[EXERCISE MATERIAL]

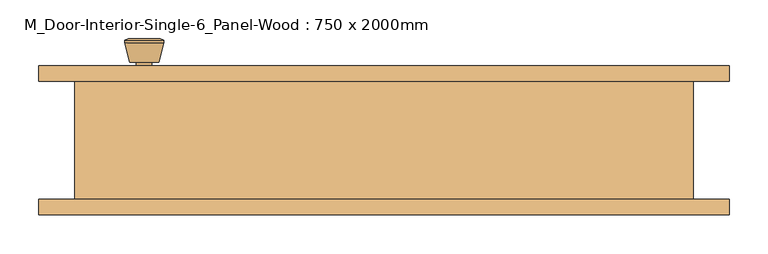
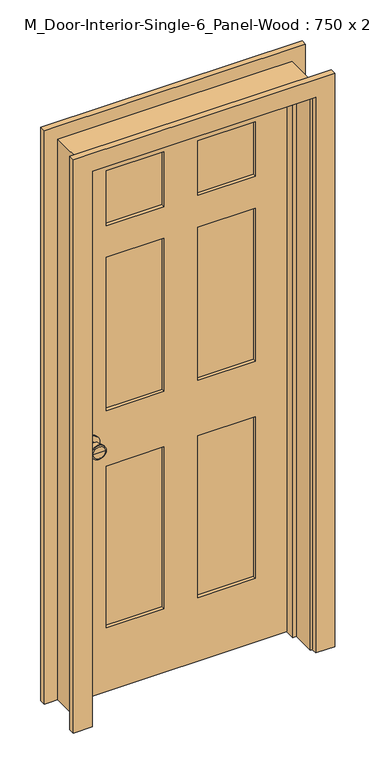
"""IFC4 building model written with IfcOpenShell, lengths in millimetres: door geometry, M_Door-Interior-Single-6_Panel-Wood : 750 x 2000mm."""

from ifc_helpers import new_model, si_unit, point, frame, frame_2d, origin, place, context, project, spatial, polyline, circle_curve, trimmed, segment, composite_curve, outline, extrude, faceted_brep, source, transform, mapped, element, save
from ifc_brep_helpers import plane_surface, cylinder_surface, revolved_surface, advanced_brep


def m_door_interior_single_6_panel_wood_750_x_2000mm_9b0189c3(model_context):
    return source(origin(), model_context, "Body", "SolidModel", [
        advanced_brep(
        [(-310.0, 32.025, 914.4), (-300.0, 32.025, 914.4), (-320.0, 32.025, 914.4), (-289.5241324, -16.975, 914.4), (-310.0, -16.975, 914.4), (-330.4758676, -16.975, 914.4), (-285.0, -15.1471319, 914.4), (-335.0, -15.1471319, 914.4), (-285.0, -11.6834537, 914.4), (-335.0, -11.6834537, 914.4), (-291.363764, 13.025, 914.4), (-328.636236, 13.025, 914.4), (-300.0, 13.025, 914.4), (-320.0, 13.025, 914.4)],
        [
            (0, 1),
            (1, 2, circle_curve(frame((-310.0, 32.025, 914.4), z_axis=(0.0, 1.0, 0.0), x_axis=(-1.0, 0.0, 0.0)), 10.0)),
            (2, 0),
            (2, 1, circle_curve(frame((-310.0, 32.025, 914.4), z_axis=(0.0, 1.0, 0.0), x_axis=(-1.0, 0.0, 0.0)), 10.0)),
            (3, 4),
            (4, 5),
            (5, 3, circle_curve(frame((-310.0, -16.975, 914.4), z_axis=(0.0, -1.0, 0.0), x_axis=(-1.0, 0.0, 0.0)), 20.4758676)),
            (3, 5, circle_curve(frame((-310.0, -16.975, 914.4), z_axis=(0.0, -1.0, 0.0), x_axis=(-1.0, 0.0, 0.0)), 20.4758676)),
            (6, 3),
            (5, 7),
            (7, 6, circle_curve(frame((-310.0, -15.1471319, 914.4), z_axis=(0.0, -1.0, 0.0), x_axis=(-1.0, 0.0, 0.0)), 25.0)),
            (6, 7, circle_curve(frame((-310.0, -15.1471319, 914.4), z_axis=(0.0, -1.0, 0.0), x_axis=(-1.0, 0.0, 0.0)), 25.0)),
            (8, 6),
            (7, 9),
            (9, 8, circle_curve(frame((-310.0, -11.6834537, 914.4), z_axis=(0.0, -1.0, 0.0), x_axis=(-1.0, 0.0, 0.0)), 25.0)),
            (8, 9, circle_curve(frame((-310.0, -11.6834537, 914.4), z_axis=(0.0, -1.0, 0.0), x_axis=(-1.0, 0.0, 0.0)), 25.0)),
            (10, 8),
            (9, 11),
            (11, 10, circle_curve(frame((-310.0, 13.025, 914.4), z_axis=(0.0, -1.0, 0.0), x_axis=(-1.0, 0.0, 0.0)), 18.636236)),
            (10, 11, circle_curve(frame((-310.0, 13.025, 914.4), z_axis=(0.0, -1.0, 0.0), x_axis=(-1.0, 0.0, 0.0)), 18.636236)),
            (12, 10),
            (11, 13),
            (13, 12, circle_curve(frame((-310.0, 13.025, 914.4), z_axis=(0.0, -1.0, 0.0), x_axis=(-1.0, 0.0, 0.0)), 10.0)),
            (12, 13, circle_curve(frame((-310.0, 13.025, 914.4), z_axis=(0.0, -1.0, 0.0), x_axis=(-1.0, 0.0, 0.0)), 10.0)),
            (1, 12),
            (13, 2),
        ],
        [
            plane_surface(frame((-310.0, 32.025, 914.4), z_axis=(0.0, 1.0, 0.0), x_axis=(-1.0, 0.0, 0.0))),
            plane_surface(frame((-310.0, -16.975, 914.4), z_axis=(0.0, -1.0, 0.0), x_axis=(-1.0, 0.0, 0.0))),
            revolved_surface(polyline([(-330.4758676, -16.975, 914.4), (-335.0, -15.1471319, 914.4)]), (-310.0, 32.025, 914.4), (0.0, 1.0, 0.0)),
            cylinder_surface(frame((-310.0, 32.025, 914.4), z_axis=(0.0, 1.0, 0.0), x_axis=(-1.0, 0.0, 0.0)), 25.0),
            revolved_surface(polyline([(-335.0, -11.6834537, 914.4), (-328.636236, 13.025, 914.4)]), (-310.0, 32.025, 914.4), (0.0, 1.0, 0.0)),
            plane_surface(frame((-310.0, 13.025, 914.4), z_axis=(0.0, 1.0, 0.0), x_axis=(-1.0, 0.0, 0.0))),
            cylinder_surface(frame((-310.0, 32.025, 914.4), z_axis=(0.0, 1.0, 0.0), x_axis=(-1.0, 0.0, 0.0)), 10.0),
        ],
        [
            (0, [[1, 2, 3]]),
            (0, [[-3, 4, -1]]),
            (1, [[5, 6, 7]]),
            (1, [[-6, -5, 8]]),
            (2, [[9, -7, 10, 11]]),
            (2, [[-10, -8, -9, 12]]),
            (3, [[13, -11, 14, 15]]),
            (3, [[-14, -12, -13, 16]]),
            (4, [[17, -15, 18, 19]]),
            (4, [[-18, -16, -17, 20]]),
            (5, [[21, -19, 22, 23]]),
            (5, [[-22, -20, -21, 24]]),
            (6, [[25, -23, 26, -2]]),
            (6, [[-26, -24, -25, -4]]),
        ],
    ),
        extrude(outline(composite_curve([segment(trimmed(circle_curve(frame_2d((914.4, -310.0)), 30.0), [point((914.4, -340.0))], [point((914.4, -280.0))], False, "CARTESIAN"), True, "CONTINUOUS"), segment(trimmed(circle_curve(frame_2d((914.4, -310.0)), 30.0), [point((914.4, -280.0))], [point((914.4, -340.0))], False, "CARTESIAN"), True, "CONTINUOUS")], self_intersect=False)), frame((0.0, 32.025, 0.0), z_axis=(0.0, 1.0, 0.0), x_axis=(0.0, 0.0, 1.0)), (0.0, 0.0, 1.0), 6.0),
        advanced_brep(
        [(-310.0, 79.025, 914.4), (-320.0, 79.025, 914.4), (-300.0, 79.025, 914.4), (-289.5241324, 128.025, 914.4), (-330.4758676, 128.025, 914.4), (-310.0, 128.025, 914.4), (-285.0, 126.1971319, 914.4), (-335.0, 126.1971319, 914.4), (-285.0, 122.7334537, 914.4), (-335.0, 122.7334537, 914.4), (-291.363764, 98.025, 914.4), (-328.636236, 98.025, 914.4), (-300.0, 98.025, 914.4), (-320.0, 98.025, 914.4)],
        [
            (0, 1),
            (1, 2, circle_curve(frame((-310.0, 79.025, 914.4), z_axis=(0.0, -1.0, 0.0), x_axis=(-1.0, 0.0, 0.0)), 10.0)),
            (2, 0),
            (2, 1, circle_curve(frame((-310.0, 79.025, 914.4), z_axis=(0.0, -1.0, 0.0), x_axis=(-1.0, 0.0, 0.0)), 10.0)),
            (3, 4, circle_curve(frame((-310.0, 128.025, 914.4), z_axis=(0.0, 1.0, 0.0), x_axis=(-1.0, 0.0, 0.0)), 20.4758676)),
            (4, 5),
            (5, 3),
            (4, 3, circle_curve(frame((-310.0, 128.025, 914.4), z_axis=(0.0, 1.0, 0.0), x_axis=(-1.0, 0.0, 0.0)), 20.4758676)),
            (6, 7, circle_curve(frame((-310.0, 126.1971319, 914.4), z_axis=(0.0, 1.0, 0.0), x_axis=(-1.0, 0.0, 0.0)), 25.0)),
            (7, 4),
            (3, 6),
            (7, 6, circle_curve(frame((-310.0, 126.1971319, 914.4), z_axis=(0.0, 1.0, 0.0), x_axis=(-1.0, 0.0, 0.0)), 25.0)),
            (8, 9, circle_curve(frame((-310.0, 122.7334537, 914.4), z_axis=(0.0, 1.0, 0.0), x_axis=(-1.0, 0.0, 0.0)), 25.0)),
            (9, 7),
            (6, 8),
            (9, 8, circle_curve(frame((-310.0, 122.7334537, 914.4), z_axis=(0.0, 1.0, 0.0), x_axis=(-1.0, 0.0, 0.0)), 25.0)),
            (10, 11, circle_curve(frame((-310.0, 98.025, 914.4), z_axis=(0.0, 1.0, 0.0), x_axis=(-1.0, 0.0, 0.0)), 18.636236)),
            (11, 9),
            (8, 10),
            (11, 10, circle_curve(frame((-310.0, 98.025, 914.4), z_axis=(0.0, 1.0, 0.0), x_axis=(-1.0, 0.0, 0.0)), 18.636236)),
            (12, 13, circle_curve(frame((-310.0, 98.025, 914.4), z_axis=(0.0, 1.0, 0.0), x_axis=(-1.0, 0.0, 0.0)), 10.0)),
            (13, 11),
            (10, 12),
            (13, 12, circle_curve(frame((-310.0, 98.025, 914.4), z_axis=(0.0, 1.0, 0.0), x_axis=(-1.0, 0.0, 0.0)), 10.0)),
            (1, 13),
            (12, 2),
        ],
        [
            plane_surface(frame((-310.0, 79.025, 914.4), z_axis=(0.0, -1.0, 0.0), x_axis=(-1.0, 0.0, 0.0))),
            plane_surface(frame((-310.0, 128.025, 914.4), z_axis=(0.0, 1.0, 0.0), x_axis=(-1.0, 0.0, 0.0))),
            revolved_surface(polyline([(-330.4758676, 128.025, 914.4), (-335.0, 126.1971319, 914.4)]), (-310.0, 79.025, 914.4), (0.0, -1.0, 0.0)),
            cylinder_surface(frame((-310.0, 79.025, 914.4), z_axis=(0.0, -1.0, 0.0), x_axis=(-1.0, 0.0, 0.0)), 25.0),
            revolved_surface(polyline([(-335.0, 122.7334537, 914.4), (-328.636236, 98.025, 914.4)]), (-310.0, 79.025, 914.4), (0.0, -1.0, 0.0)),
            plane_surface(frame((-310.0, 98.025, 914.4), z_axis=(0.0, -1.0, 0.0), x_axis=(-1.0, 0.0, 0.0))),
            cylinder_surface(frame((-310.0, 79.025, 914.4), z_axis=(0.0, -1.0, 0.0), x_axis=(-1.0, 0.0, 0.0)), 10.0),
        ],
        [
            (0, [[1, 2, 3]]),
            (0, [[-3, 4, -1]]),
            (1, [[5, 6, 7]]),
            (1, [[8, -7, -6]]),
            (2, [[9, 10, -5, 11]]),
            (2, [[12, -11, -8, -10]]),
            (3, [[13, 14, -9, 15]]),
            (3, [[16, -15, -12, -14]]),
            (4, [[17, 18, -13, 19]]),
            (4, [[20, -19, -16, -18]]),
            (5, [[21, 22, -17, 23]]),
            (5, [[24, -23, -20, -22]]),
            (6, [[-2, 25, -21, 26]]),
            (6, [[-4, -26, -24, -25]]),
        ],
    ),
        extrude(outline(composite_curve([segment(trimmed(circle_curve(frame_2d((914.4, -310.0)), 30.0), [point((914.4, -340.0))], [point((914.4, -280.0))], False, "CARTESIAN"), True, "CONTINUOUS"), segment(trimmed(circle_curve(frame_2d((914.4, -310.0)), 30.0), [point((914.4, -280.0))], [point((914.4, -340.0))], False, "CARTESIAN"), True, "CONTINUOUS")], self_intersect=False)), frame((0.0, 73.025, 0.0), z_axis=(0.0, 1.0, 0.0), x_axis=(0.0, 0.0, 1.0)), (0.0, 0.0, 1.0), 6.0),
        faceted_brep([(400.0, 73.025, 0.0), (400.0, -79.375, 0.0), (375.0, -79.375, 0.0), (375.0, 3.1, 0.0), (362.3, 3.1, 0.0), (362.3, 38.025, 0.0), (375.0, 38.025, 0.0), (375.0, 73.025, 0.0), (400.0, 73.025, 2025.0), (400.0, -79.375, 2025.0), (-400.0, -79.375, 2025.0), (-400.0, -79.375, 0.0), (-375.0, -79.375, 0.0), (-375.0, -79.375, 2000.0), (375.0, -79.375, 2000.0), (375.0, 3.1, 2000.0), (-375.0, 3.1, 2000.0), (-375.0, 3.1, 0.0), (-362.3, 3.1, 0.0), (-362.3, 3.1, 1987.3), (362.3, 3.1, 1987.3), (362.3, 38.025, 1987.3), (-362.3, 38.025, 1987.3), (-362.3, 38.025, 0.0), (-375.0, 38.025, 0.0), (-375.0, 38.025, 2000.0), (375.0, 38.025, 2000.0), (375.0, 73.025, 2000.0), (-375.0, 73.025, 2000.0), (-375.0, 73.025, 0.0), (-400.0, 73.025, 0.0), (-400.0, 73.025, 2025.0)], [[[0, 1, 2, 3, 4, 5, 6, 7]], [[1, 0, 8, 9]], [[2, 1, 9, 10, 11, 12, 13, 14]], [[3, 2, 14, 15]], [[4, 3, 15, 16, 17, 18, 19, 20]], [[5, 4, 20, 21]], [[6, 5, 21, 22, 23, 24, 25, 26]], [[7, 6, 26, 27]], [[0, 7, 27, 28, 29, 30, 31, 8]], [[9, 8, 31, 10]], [[15, 14, 13, 16]], [[21, 20, 19, 22]], [[27, 26, 25, 28]], [[30, 29, 24, 23, 18, 17, 12, 11]], [[10, 31, 30, 11]], [[16, 13, 12, 17]], [[22, 19, 18, 23]], [[28, 25, 24, 29]]]),
        extrude(outline(polyline([(2000.0, -375.0), (0.0, -375.0), (0.0, 375.0), (2000.0, 375.0), (2000.0, -375.0)]), holes=[polyline([(1880.0, 57.5), (1880.0, 255.0), (1682.5, 255.0), (1682.5, 57.5), (1880.0, 57.5)]), polyline([(1567.5, 255.0), (1014.4, 255.0), (1014.4, 57.5), (1567.5, 57.5), (1567.5, 255.0)]), polyline([(1014.4, -57.5), (1014.4, -255.0), (1567.5, -255.0), (1567.5, -57.5), (1014.4, -57.5)]), polyline([(1682.5, -255.0), (1880.0, -255.0), (1880.0, -57.5), (1682.5, -57.5), (1682.5, -255.0)]), polyline([(814.4, 57.5), (814.4, 255.0), (230.0, 255.0), (230.0, 57.5), (814.4, 57.5)]), polyline([(230.0, -57.5), (230.0, -255.0), (814.4, -255.0), (814.4, -57.5), (230.0, -57.5)])]), frame((0.0, 38.025, 0.0), z_axis=(0.0, 1.0, 0.0), x_axis=(0.0, 0.0, 1.0)), (0.0, 0.0, 1.0), 35.0),
        extrude(outline(polyline([(255.0, 49.6916667), (57.5, 49.6916667), (57.5, 61.3583333), (255.0, 61.3583333), (255.0, 49.6916667)])), frame((0.0, 0.0, 1682.5), z_axis=(0.0, 0.0, 1.0), x_axis=(1.0, 0.0, 0.0)), (0.0, 0.0, 1.0), 197.5),
        extrude(outline(polyline([(255.0, 49.6916667), (57.5, 49.6916667), (57.5, 61.3583333), (255.0, 61.3583333), (255.0, 49.6916667)])), frame((0.0, 0.0, 1014.4), z_axis=(0.0, 0.0, 1.0), x_axis=(1.0, 0.0, 0.0)), (0.0, 0.0, 1.0), 553.1),
        extrude(outline(polyline([(-57.5, 49.6916667), (-255.0, 49.6916667), (-255.0, 61.3583333), (-57.5, 61.3583333), (-57.5, 49.6916667)])), frame((0.0, 0.0, 1014.4), z_axis=(0.0, 0.0, 1.0), x_axis=(1.0, 0.0, 0.0)), (0.0, 0.0, 1.0), 553.1),
        extrude(outline(polyline([(-57.5, 49.6916667), (-255.0, 49.6916667), (-255.0, 61.3583333), (-57.5, 61.3583333), (-57.5, 49.6916667)])), frame((0.0, 0.0, 1682.5), z_axis=(0.0, 0.0, 1.0), x_axis=(1.0, 0.0, 0.0)), (0.0, 0.0, 1.0), 197.5),
        extrude(outline(polyline([(255.0, 49.6916667), (57.5, 49.6916667), (57.5, 61.3583333), (255.0, 61.3583333), (255.0, 49.6916667)])), frame((0.0, 0.0, 230.0), z_axis=(0.0, 0.0, 1.0), x_axis=(1.0, 0.0, 0.0)), (0.0, 0.0, 1.0), 584.4),
        extrude(outline(polyline([(-57.5, 49.6916667), (-255.0, 49.6916667), (-255.0, 61.3583333), (-57.5, 61.3583333), (-57.5, 49.6916667)])), frame((0.0, 0.0, 230.0), z_axis=(0.0, 0.0, 1.0), x_axis=(1.0, 0.0, 0.0)), (0.0, 0.0, 1.0), 584.4),
        extrude(outline(polyline([(0.0, 381.35), (0.0, 446.35), (2071.35, 446.35), (2071.35, -446.35), (0.0, -446.35), (0.0, -381.35), (2006.35, -381.35), (2006.35, 381.35), (0.0, 381.35)])), frame((0.0, 73.025, 0.0), z_axis=(0.0, 1.0, 0.0), x_axis=(0.0, 0.0, 1.0)), (0.0, 0.0, 1.0), 20.0),
        extrude(outline(polyline([(0.0, 381.35), (0.0, 446.35), (2071.35, 446.35), (2071.35, -446.35), (0.0, -446.35), (0.0, -381.35), (2006.35, -381.35), (2006.35, 381.35), (0.0, 381.35)])), frame((0.0, -99.375, 0.0), z_axis=(0.0, 1.0, 0.0), x_axis=(0.0, 0.0, 1.0)), (0.0, 0.0, 1.0), 20.0),
    ])


if __name__ == "__main__":
    model = new_model("IFC4")
    model_context = context("Model", 3, world=origin())
    ifc_project = project(units=[si_unit("LENGTHUNIT", "METRE", prefix="MILLI")], contexts=[model_context])
    site = spatial("IfcSite", under=ifc_project)
    building = spatial("IfcBuilding", under=site)
    placement = place(None, origin())
    m_door_interior_single_6_panel_wood_750_x_2000mm_shape = m_door_interior_single_6_panel_wood_750_x_2000mm_9b0189c3(model_context)
    element("IfcDoor", 1, ObjectType="M_Door-Interior-Single-6_Panel-Wood : 750 x 2000mm", at=placement, inside=building, context=model_context, shape_type="MappedRepresentation", body=[
        mapped(m_door_interior_single_6_panel_wood_750_x_2000mm_shape, transform((0.0, 0.0, 0.0), x_axis=(1.0, 0.0, 0.0), y_axis=(0.0, 1.0, 0.0), z_axis=(0.0, 0.0, 1.0))),
    ])
    save(model, "model.ifc")

# Revit data of these elements
# Type "M_Door-Interior-Single-6_Panel-Wood : 750 x 2000mm"
#   Type Mark = "10"
#   Assembly Code = "C1020300"
#   Analytic Construction = "Wooden"
#   Top Rail = 0' - 4.72441"
#   Top Panel = 0' - 7.77559"
#   Thickness = 0' - 1.37795"
#   Thermal Resistance (R) = 2.5876 (h·ft²·°F)/BTU
#   Swing Angle [instance default] = 90.00°
#   Stiles = 0' - 4.72441"
#   Rough Width = 2' - 7.49606"
#   Rough Height = 6' - 7.72441"
#   Mullion = 0' - 4.52756"
#   Lock Rail = 0' - 7.87402"
#   Intermediate Rail = 0' - 4.52756"
#   Height = 6' - 6.74016"
#   Width = 2' - 5.52756"
#   Heat Transfer Coefficient (U) = 0.3865 BTU/(h·ft²·°F)
#   Bottom Rail = 0' - 9.05512"
#   Trim Material = Cherry
#   Panel Material = Cherry
#   Frame Material = Cherry
#   Door Handle Material = Aluminum
#   Visual Light Transmittance = 0
#   Solar Heat Gain Coefficient = 0
#   Wall Closure = (empty or 0)
#   Function = (empty or 0)
# Element 1 (IfcDoor, "M_Door-Interior-Single-6_Panel-Wood : 750 x 2000mm")
#   Materials on its faces: "Cherry", "Aluminum"
# Materials
#   "Cherry": class "Wood", colour RGB 226 177 128, transparency 0, Description = "Prunus Serotina", Cost = 0
#   "Aluminum": class "Metal", colour RGB 247 247 247, transparency 0, Description = "Aluminum 6061", Cost = 0

[/EXERCISE MATERIAL]

== WORK REQUIRED ==
Pick every line from the listing holding the string "Cherry", and copy it.

== ANSWER TO THE PROBLEM ==
#   Trim Material = Cherry
#   Panel Material = Cherry
#   Frame Material = Cherry
#   Materials on its faces: "Cherry", "Aluminum"
#   "Cherry": class "Wood", colour RGB 226 177 128, transparency 0, Description = "Prunus Serotina", Cost = 0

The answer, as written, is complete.